Please give the number of lines in the records below that include "CompositionType", with no other output.

========

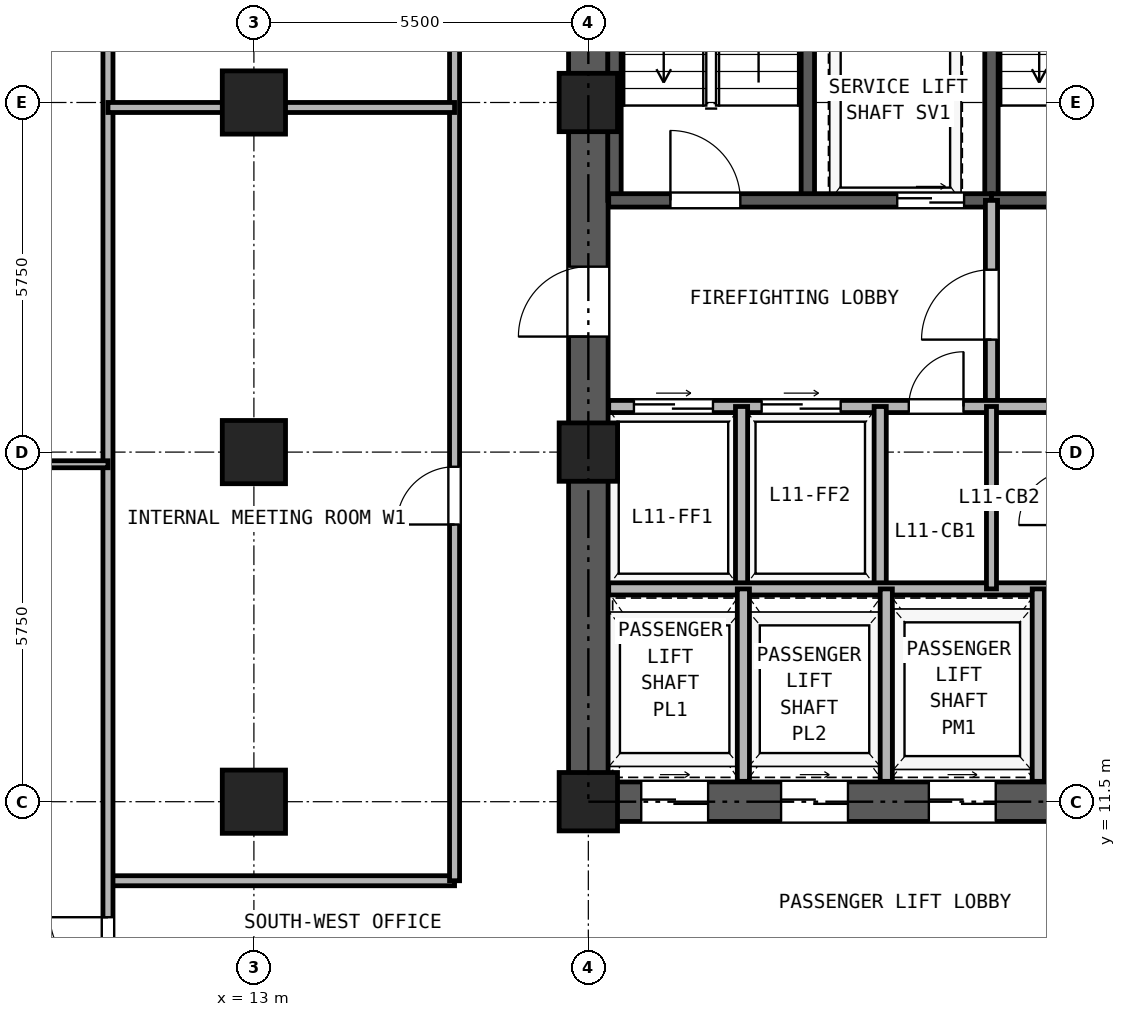
"""IFC4 building model, lengths in metres.
Left out: names, types, materials, properties, quantities, classifications, styles, units other than length and angle.
Written with IfcOpenShell. Run it as: python <this file> out.ifc"""

import sys

from ifc_helpers import new_model, si_unit, direction, frame, frame_2d, origin, origin_2d, place, context, subcontext, project, spatial, rectangle, hollow_rectangle, extrude, source, transform, mapped, element, fill, save


model = new_model("IFC4")
c1 = context("Model", 3, precision=1e-05, world=origin(), true_north=direction((0.0, 1.0)))
c2 = subcontext(c1, "Body", "Model", "MODEL_VIEW")
j1 = project(units=[si_unit("LENGTHUNIT", "METRE"), si_unit("PLANEANGLEUNIT", "RADIAN")], contexts=[c1])
p1 = place(None, origin())
s1 = spatial("IfcSite", under=j1, at=p1, CompositionType="ELEMENT")
p2 = place(p1, origin())
s2 = spatial("IfcBuilding", under=s1, at=p2, CompositionType="ELEMENT")
p3 = place(p2, frame((0.0, 0.0, 44.1)))
s3 = spatial("IfcBuildingStorey", under=s2, at=p3, CompositionType="ELEMENT", Elevation=44.1)
m1 = source(origin(), c2, "Body", "SweptSolid", [
    extrude(hollow_rectangle(XDim=1.04, YDim=1.04, WallThickness=0.065, at=origin_2d()), origin(), (0.0, 0.0, 1.0), 3.32),
])
for number, where, z_axis, x_axis in (
    (1, (13.0, 11.5, 0.0), (0.0, 0.0, 1.0), (1.0, 0.0, 0.0)),
    (2, (13.0, 17.25, 0.0), (0.0, 0.0, 1.0), (1.0, 0.0, 0.0)),
    (3, (13.0, 23.0, 0.0), (0.0, 0.0, 1.0), (1.0, 0.0, 0.0)),
):
    element("IfcColumn", number, at=place(p3, frame(where, z_axis=z_axis, x_axis=x_axis)), inside=s3, PredefinedType="COLUMN", context=c2, shape_type="MappedRepresentation", body=[
        mapped(m1, transform((0.0, 0.0, 0.0), x_axis=(1.0, 0.0, 0.0), y_axis=(0.0, 1.0, 0.0), z_axis=(0.0, 0.0, 1.0), scale=1.0)),
    ])
m2 = source(origin(), c2, "Body", "SweptSolid", [
    extrude(hollow_rectangle(XDim=0.96, YDim=0.96, WallThickness=0.06, at=origin_2d()), origin(), (0.0, 0.0, 1.0), 3.32),
])
for number, where, z_axis, x_axis in (
    (4, (18.5, 11.5, 0.0), (0.0, 0.0, 1.0), (1.0, 0.0, 0.0)),
    (5, (18.5, 17.25, 0.0), (0.0, 0.0, 1.0), (1.0, 0.0, 0.0)),
    (6, (18.5, 23.0, 0.0), (0.0, 0.0, 1.0), (1.0, 0.0, 0.0)),
):
    element("IfcColumn", number, at=place(p3, frame(where, z_axis=z_axis, x_axis=x_axis)), inside=s3, PredefinedType="COLUMN", context=c2, shape_type="MappedRepresentation", body=[
        mapped(m2, transform((0.0, 0.0, 0.0), x_axis=(1.0, 0.0, 0.0), y_axis=(0.0, 1.0, 0.0), z_axis=(0.0, 0.0, 1.0), scale=1.0)),
    ])
p4 = place(p3, frame((18.175, 11.5, 0.0), z_axis=(0.0, 0.0, 1.0), x_axis=(1.0, 0.0, 0.0)))
e7 = element("IfcWall", 7, at=p4, inside=s3, PredefinedType="SHEAR", context=c2, shape_type="SweptSolid", body=[
    extrude(rectangle(XDim=10.65, YDim=0.65, at=frame_2d((5.325, 0.0))), origin(), (0.0, 0.0, 1.0), 3.32),
])
p5 = place(p4, frame((1.195, 0.0, 0.0)))
e8 = element("IfcOpeningElement", 8, at=p5, cuts=e7, PredefinedType="OPENING", context=c2, shape_type="SweptSolid", body=[
    extrude(rectangle(XDim=1.1, YDim=2.25, at=frame_2d((0.55, 1.125))), frame((0.0, 0.335, 0.0), z_axis=(0.0, -1.0, 0.0), x_axis=(1.0, 0.0, 0.0)), (0.0, 0.0, 1.0), 0.67),
])
p6 = place(p4, frame((3.495, 0.0, 0.0)))
e9 = element("IfcOpeningElement", 9, at=p6, cuts=e7, PredefinedType="OPENING", context=c2, shape_type="SweptSolid", body=[
    extrude(rectangle(XDim=1.1, YDim=2.25, at=frame_2d((0.55, 1.125))), frame((0.0, 0.335, 0.0), z_axis=(0.0, -1.0, 0.0), x_axis=(1.0, 0.0, 0.0)), (0.0, 0.0, 1.0), 0.67),
])
p7 = place(p4, frame((5.925, 0.0, 0.0)))
e10 = element("IfcOpeningElement", 10, at=p7, cuts=e7, PredefinedType="OPENING", context=c2, shape_type="SweptSolid", body=[
    extrude(rectangle(XDim=1.1, YDim=2.25, at=frame_2d((0.55, 1.125))), frame((0.0, 0.335, 0.0), z_axis=(0.0, -1.0, 0.0), x_axis=(1.0, 0.0, 0.0)), (0.0, 0.0, 1.0), 0.67),
])
p8 = place(p4, frame((8.325, 0.0, 0.0)))
e11 = element("IfcOpeningElement", 11, at=p8, cuts=e7, PredefinedType="OPENING", context=c2, shape_type="SweptSolid", body=[
    extrude(rectangle(XDim=1.1, YDim=2.25, at=frame_2d((0.55, 1.125))), frame((0.0, 0.335, 0.0), z_axis=(0.0, -1.0, 0.0), x_axis=(1.0, 0.0, 0.0)), (0.0, 0.0, 1.0), 0.67),
])
p9 = place(p3, frame((18.5, 11.825, 0.0), z_axis=(0.0, 0.0, 1.0), x_axis=(0.0, 1.0, 0.0)))
e12 = element("IfcWall", 12, at=p9, inside=s3, PredefinedType="SHEAR", context=c2, shape_type="SweptSolid", body=[
    extrude(rectangle(XDim=16.6, YDim=0.65, at=frame_2d((8.3, 0.0))), origin(), (0.0, 0.0, 1.0), 3.32),
])
p10 = place(p9, frame((7.325, 0.0, 0.0)))
e13 = element("IfcOpeningElement", 13, at=p10, cuts=e12, PredefinedType="OPENING", context=c2, shape_type="SweptSolid", body=[
    extrude(rectangle(XDim=1.15, YDim=2.2, at=frame_2d((0.575, 1.1))), frame((0.0, 0.335, 0.0), z_axis=(0.0, -1.0, 0.0), x_axis=(1.0, 0.0, 0.0)), (0.0, 0.0, 1.0), 0.67),
])
for number, where, z_axis, x_axis in (
    (14, (18.93, 21.39, 0.0), (0.0, 0.0, 1.0), (0.0, 1.0, 0.0)),
    (15, (22.11, 21.39, 0.0), (0.0, 0.0, 1.0), (0.0, 1.0, 0.0)),
    (16, (25.13, 21.39, 0.0), (0.0, 0.0, 1.0), (0.0, 1.0, 0.0)),
):
    element("IfcWall", number, at=place(p3, frame(where, z_axis=z_axis, x_axis=x_axis)), inside=s3, PredefinedType="SOLIDWALL", context=c2, shape_type="SweptSolid", body=[
        extrude(rectangle(XDim=7.11, YDim=0.22, at=frame_2d((3.555, 0.0))), origin(), (0.0, 0.0, 1.0), 3.32),
    ])
p11 = place(p3, frame((18.835, 21.39, 0.0), z_axis=(0.0, 0.0, 1.0), x_axis=(1.0, 0.0, 0.0)))
e17 = element("IfcWall", 17, at=p11, inside=s3, PredefinedType="SOLIDWALL", context=c2, shape_type="SweptSolid", body=[
    extrude(rectangle(XDim=6.295, YDim=0.22, at=frame_2d((3.147, 0.0))), origin(), (0.0, 0.0, 1.0), 3.32),
])
p12 = place(p11, frame((1.015, 0.0, 0.0)))
e18 = element("IfcOpeningElement", 18, at=p12, cuts=e17, PredefinedType="OPENING", context=c2, shape_type="SweptSolid", body=[
    extrude(rectangle(XDim=1.15, YDim=2.2, at=frame_2d((0.575, 1.1))), frame((0.0, 0.12, 0.0), z_axis=(0.0, -1.0, 0.0), x_axis=(1.0, 0.0, 0.0)), (0.0, 0.0, 1.0), 0.24),
])
p13 = place(p11, frame((4.745, 0.0, 0.0)))
e19 = element("IfcOpeningElement", 19, at=p13, cuts=e17, PredefinedType="OPENING", context=c2, shape_type="SweptSolid", body=[
    extrude(rectangle(XDim=1.1, YDim=2.25, at=frame_2d((0.55, 1.125))), frame((0.0, 0.12, 0.0), z_axis=(0.0, -1.0, 0.0), x_axis=(1.0, 0.0, 0.0)), (0.0, 0.0, 1.0), 0.24),
])
p14 = place(p3, frame((25.13, 21.39, 0.0), z_axis=(0.0, 0.0, 1.0), x_axis=(1.0, 0.0, 0.0)))
e20 = element("IfcWall", 20, at=p14, inside=s3, PredefinedType="SOLIDWALL", context=c2, shape_type="SweptSolid", body=[
    extrude(rectangle(XDim=3.035, YDim=0.22, at=frame_2d((1.518, 0.0))), origin(), (0.0, 0.0, 1.0), 3.32),
])
p15 = place(p14, frame((0.92, 0.0, 0.0)))
e21 = element("IfcOpeningElement", 21, at=p15, cuts=e20, PredefinedType="OPENING", context=c2, shape_type="SweptSolid", body=[
    extrude(rectangle(XDim=1.15, YDim=2.2, at=frame_2d((0.575, 1.1))), frame((0.0, 0.12, 0.0), z_axis=(0.0, -1.0, 0.0), x_axis=(1.0, 0.0, 0.0)), (0.0, 0.0, 1.0), 0.24),
])
p16 = place(p3, frame((25.13, 18.0, 0.0), z_axis=(0.0, 0.0, 1.0), x_axis=(0.0, 1.0, 0.0)))
e22 = element("IfcWall", 22, at=p16, inside=s3, PredefinedType="PARTITIONING", context=c2, shape_type="SweptSolid", body=[
    extrude(rectangle(XDim=3.39, YDim=0.2, at=frame_2d((1.695, 0.0))), origin(), (0.0, 0.0, 1.0), 3.32),
])
p17 = place(p16, frame((1.1, 0.0, 0.0)))
e23 = element("IfcOpeningElement", 23, at=p17, cuts=e22, PredefinedType="OPENING", context=c2, shape_type="SweptSolid", body=[
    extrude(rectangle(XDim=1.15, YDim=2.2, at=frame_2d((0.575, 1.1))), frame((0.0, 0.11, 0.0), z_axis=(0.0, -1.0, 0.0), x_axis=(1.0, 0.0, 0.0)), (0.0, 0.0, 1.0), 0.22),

========

Completed exercise - 3